▶ _WHAT IS NEEDED_
All lines of the entries with "project" in them must be listed.

▶ _RECORDS_
• • • • • • •
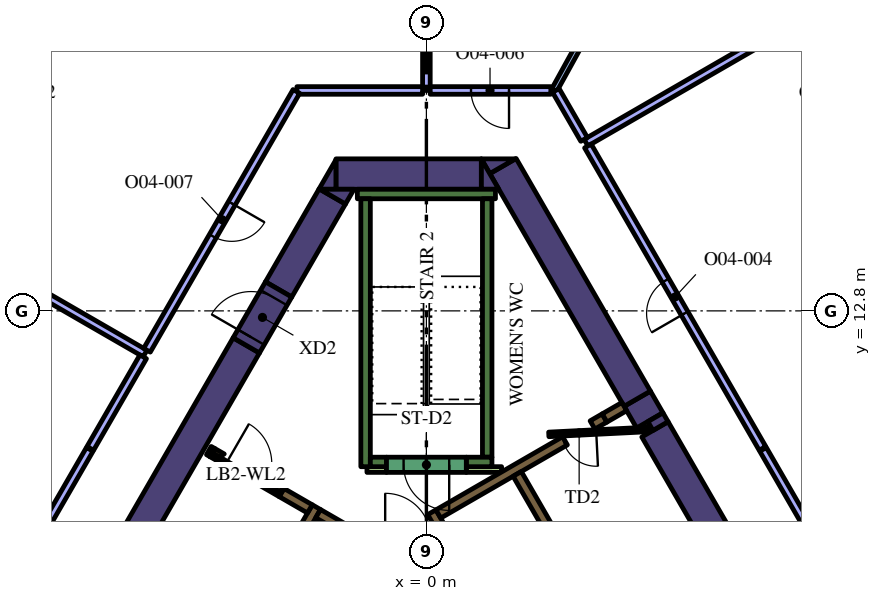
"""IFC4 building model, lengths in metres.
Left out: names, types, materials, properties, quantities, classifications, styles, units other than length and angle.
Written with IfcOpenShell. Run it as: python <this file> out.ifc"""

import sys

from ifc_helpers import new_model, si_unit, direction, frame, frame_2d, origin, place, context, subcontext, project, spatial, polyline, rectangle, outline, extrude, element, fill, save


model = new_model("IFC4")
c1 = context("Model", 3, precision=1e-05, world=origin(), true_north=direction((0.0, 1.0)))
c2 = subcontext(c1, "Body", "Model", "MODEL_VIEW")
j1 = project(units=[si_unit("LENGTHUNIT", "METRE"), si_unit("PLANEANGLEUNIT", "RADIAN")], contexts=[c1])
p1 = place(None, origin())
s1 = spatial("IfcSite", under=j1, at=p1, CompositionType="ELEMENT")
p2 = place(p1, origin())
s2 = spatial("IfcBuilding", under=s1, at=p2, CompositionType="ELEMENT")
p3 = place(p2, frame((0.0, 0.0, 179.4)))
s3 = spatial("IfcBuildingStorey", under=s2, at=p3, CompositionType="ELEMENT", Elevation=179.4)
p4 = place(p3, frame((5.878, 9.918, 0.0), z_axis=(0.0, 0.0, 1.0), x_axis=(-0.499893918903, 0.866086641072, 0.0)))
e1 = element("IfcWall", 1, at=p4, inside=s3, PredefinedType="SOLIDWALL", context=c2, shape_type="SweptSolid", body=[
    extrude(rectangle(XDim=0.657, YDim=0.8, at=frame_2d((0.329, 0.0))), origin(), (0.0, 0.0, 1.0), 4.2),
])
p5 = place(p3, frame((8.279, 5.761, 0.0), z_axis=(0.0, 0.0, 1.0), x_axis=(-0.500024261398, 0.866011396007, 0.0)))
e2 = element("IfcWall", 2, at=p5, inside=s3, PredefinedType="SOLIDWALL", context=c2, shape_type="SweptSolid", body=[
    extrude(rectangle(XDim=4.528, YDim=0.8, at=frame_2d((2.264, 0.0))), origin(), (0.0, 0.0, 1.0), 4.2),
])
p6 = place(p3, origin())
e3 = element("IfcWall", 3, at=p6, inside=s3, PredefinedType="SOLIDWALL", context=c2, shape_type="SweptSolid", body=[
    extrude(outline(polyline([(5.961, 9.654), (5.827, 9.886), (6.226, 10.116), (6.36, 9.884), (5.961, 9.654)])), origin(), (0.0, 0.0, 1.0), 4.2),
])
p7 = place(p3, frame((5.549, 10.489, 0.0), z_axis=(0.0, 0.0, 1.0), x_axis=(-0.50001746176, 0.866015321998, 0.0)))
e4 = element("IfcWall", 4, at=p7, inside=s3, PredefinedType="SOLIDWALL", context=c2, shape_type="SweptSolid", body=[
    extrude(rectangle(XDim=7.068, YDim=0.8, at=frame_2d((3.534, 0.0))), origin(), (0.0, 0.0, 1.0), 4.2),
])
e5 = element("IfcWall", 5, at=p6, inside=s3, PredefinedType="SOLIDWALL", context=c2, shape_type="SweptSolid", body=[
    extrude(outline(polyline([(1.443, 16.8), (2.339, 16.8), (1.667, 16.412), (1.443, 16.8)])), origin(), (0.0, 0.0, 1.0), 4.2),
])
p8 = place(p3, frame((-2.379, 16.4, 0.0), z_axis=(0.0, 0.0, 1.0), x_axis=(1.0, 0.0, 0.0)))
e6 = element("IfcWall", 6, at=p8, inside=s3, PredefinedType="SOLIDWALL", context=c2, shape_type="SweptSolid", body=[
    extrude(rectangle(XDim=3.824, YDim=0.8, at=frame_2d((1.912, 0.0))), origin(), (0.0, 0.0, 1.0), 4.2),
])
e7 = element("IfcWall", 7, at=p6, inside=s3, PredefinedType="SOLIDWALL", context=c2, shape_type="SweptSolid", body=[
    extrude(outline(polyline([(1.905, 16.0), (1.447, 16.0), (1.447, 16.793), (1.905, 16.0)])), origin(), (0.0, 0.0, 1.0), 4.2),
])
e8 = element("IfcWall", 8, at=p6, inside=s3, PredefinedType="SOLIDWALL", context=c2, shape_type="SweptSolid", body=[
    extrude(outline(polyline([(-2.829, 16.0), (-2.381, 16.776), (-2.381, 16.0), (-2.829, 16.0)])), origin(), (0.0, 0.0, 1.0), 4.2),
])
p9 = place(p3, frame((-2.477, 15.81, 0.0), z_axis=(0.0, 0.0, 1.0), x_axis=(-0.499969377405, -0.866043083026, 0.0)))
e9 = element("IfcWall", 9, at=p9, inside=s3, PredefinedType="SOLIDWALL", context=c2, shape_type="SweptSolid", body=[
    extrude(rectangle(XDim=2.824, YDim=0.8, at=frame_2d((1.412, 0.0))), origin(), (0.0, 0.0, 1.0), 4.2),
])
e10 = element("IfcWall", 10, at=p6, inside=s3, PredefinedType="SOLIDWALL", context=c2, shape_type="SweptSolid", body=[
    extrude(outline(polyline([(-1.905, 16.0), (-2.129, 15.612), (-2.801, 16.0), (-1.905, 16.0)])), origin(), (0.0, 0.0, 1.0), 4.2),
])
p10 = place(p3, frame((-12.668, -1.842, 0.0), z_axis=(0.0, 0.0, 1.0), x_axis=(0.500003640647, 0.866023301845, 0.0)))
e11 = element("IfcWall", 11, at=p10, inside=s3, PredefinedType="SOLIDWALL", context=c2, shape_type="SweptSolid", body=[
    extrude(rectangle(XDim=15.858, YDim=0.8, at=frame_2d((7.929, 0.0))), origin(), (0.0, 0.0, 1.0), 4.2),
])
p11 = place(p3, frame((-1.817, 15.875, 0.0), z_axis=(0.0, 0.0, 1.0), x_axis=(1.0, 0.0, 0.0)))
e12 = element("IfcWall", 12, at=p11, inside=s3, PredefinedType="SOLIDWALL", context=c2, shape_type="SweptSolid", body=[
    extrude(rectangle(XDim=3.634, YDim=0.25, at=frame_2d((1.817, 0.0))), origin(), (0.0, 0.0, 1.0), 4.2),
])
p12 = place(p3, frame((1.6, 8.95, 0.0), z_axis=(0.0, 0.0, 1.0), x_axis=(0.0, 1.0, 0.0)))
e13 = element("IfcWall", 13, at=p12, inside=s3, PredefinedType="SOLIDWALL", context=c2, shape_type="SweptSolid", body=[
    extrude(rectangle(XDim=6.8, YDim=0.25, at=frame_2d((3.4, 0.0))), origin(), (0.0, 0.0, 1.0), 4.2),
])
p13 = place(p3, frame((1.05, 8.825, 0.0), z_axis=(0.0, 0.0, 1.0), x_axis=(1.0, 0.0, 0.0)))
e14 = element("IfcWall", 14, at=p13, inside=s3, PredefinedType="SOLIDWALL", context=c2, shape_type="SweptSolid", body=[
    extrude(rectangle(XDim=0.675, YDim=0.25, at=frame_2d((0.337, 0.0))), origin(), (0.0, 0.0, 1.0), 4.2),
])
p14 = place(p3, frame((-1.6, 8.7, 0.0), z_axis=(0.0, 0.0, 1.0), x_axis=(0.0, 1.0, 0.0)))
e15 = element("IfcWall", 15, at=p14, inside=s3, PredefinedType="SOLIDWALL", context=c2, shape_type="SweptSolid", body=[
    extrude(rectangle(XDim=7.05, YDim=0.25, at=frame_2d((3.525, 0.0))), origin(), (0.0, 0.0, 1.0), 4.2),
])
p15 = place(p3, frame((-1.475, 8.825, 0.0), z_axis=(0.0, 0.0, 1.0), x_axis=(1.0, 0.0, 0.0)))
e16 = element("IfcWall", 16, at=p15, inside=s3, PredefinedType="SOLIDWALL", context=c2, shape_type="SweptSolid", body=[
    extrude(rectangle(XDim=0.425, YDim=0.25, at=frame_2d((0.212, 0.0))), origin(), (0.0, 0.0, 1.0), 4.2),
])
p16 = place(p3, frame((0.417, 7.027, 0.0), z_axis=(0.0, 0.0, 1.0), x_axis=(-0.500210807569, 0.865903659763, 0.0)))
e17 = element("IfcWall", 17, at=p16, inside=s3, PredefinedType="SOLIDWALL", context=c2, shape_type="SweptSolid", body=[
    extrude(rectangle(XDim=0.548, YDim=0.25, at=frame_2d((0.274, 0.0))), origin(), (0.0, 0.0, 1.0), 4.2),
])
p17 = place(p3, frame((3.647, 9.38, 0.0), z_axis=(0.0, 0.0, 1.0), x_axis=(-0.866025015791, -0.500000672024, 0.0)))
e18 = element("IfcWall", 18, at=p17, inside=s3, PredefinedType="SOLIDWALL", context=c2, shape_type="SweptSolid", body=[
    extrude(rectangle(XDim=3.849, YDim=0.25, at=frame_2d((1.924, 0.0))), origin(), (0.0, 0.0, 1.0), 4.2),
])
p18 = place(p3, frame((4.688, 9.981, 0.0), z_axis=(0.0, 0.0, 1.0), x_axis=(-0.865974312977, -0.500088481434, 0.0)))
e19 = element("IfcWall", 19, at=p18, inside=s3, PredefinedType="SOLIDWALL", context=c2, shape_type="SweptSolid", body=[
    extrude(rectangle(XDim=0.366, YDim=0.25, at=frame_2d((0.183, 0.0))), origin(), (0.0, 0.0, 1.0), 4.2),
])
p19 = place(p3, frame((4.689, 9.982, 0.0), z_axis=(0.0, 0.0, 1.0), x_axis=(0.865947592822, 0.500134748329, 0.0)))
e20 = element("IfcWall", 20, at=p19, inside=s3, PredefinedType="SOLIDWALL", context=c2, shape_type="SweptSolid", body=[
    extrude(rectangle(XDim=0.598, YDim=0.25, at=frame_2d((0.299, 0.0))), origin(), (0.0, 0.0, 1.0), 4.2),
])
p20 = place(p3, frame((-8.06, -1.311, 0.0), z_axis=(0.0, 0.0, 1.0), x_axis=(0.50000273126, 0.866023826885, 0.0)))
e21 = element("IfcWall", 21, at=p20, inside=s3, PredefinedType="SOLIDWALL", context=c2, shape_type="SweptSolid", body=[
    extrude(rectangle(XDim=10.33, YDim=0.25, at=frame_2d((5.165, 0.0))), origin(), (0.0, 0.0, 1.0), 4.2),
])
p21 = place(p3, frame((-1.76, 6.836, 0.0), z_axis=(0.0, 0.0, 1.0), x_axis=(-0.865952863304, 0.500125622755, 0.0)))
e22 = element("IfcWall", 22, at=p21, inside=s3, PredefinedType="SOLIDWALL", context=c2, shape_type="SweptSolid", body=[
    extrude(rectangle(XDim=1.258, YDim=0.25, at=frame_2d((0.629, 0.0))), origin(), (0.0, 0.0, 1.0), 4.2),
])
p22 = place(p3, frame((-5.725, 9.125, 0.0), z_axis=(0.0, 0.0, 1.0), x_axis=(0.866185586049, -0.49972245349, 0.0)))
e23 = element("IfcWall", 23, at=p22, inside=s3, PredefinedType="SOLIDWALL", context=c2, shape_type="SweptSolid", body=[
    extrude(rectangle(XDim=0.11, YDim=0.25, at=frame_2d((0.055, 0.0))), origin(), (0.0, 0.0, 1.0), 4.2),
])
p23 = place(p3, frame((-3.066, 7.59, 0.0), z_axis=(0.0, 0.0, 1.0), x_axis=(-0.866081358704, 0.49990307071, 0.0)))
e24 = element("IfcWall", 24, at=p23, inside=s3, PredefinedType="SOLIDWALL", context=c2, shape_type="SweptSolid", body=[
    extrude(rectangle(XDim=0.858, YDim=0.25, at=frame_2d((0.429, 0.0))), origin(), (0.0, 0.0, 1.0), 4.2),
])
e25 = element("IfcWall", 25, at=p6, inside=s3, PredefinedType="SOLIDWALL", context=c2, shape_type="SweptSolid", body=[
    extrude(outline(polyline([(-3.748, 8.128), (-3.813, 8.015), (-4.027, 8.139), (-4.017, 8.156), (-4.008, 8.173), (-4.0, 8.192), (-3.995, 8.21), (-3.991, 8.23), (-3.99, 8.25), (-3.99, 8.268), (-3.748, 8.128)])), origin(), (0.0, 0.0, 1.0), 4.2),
• • • • • • •
▶ _SOLUTION FOR THIS PROBLEM_
from ifc_helpers import new_model, si_unit, direction, frame, frame_2d, origin, place, context, subcontext, project, spatial, polyline, rectangle, outline, extrude, element, fill, save
j1 = project(units=[si_unit("LENGTHUNIT", "METRE"), si_unit("PLANEANGLEUNIT", "RADIAN")], contexts=[c1])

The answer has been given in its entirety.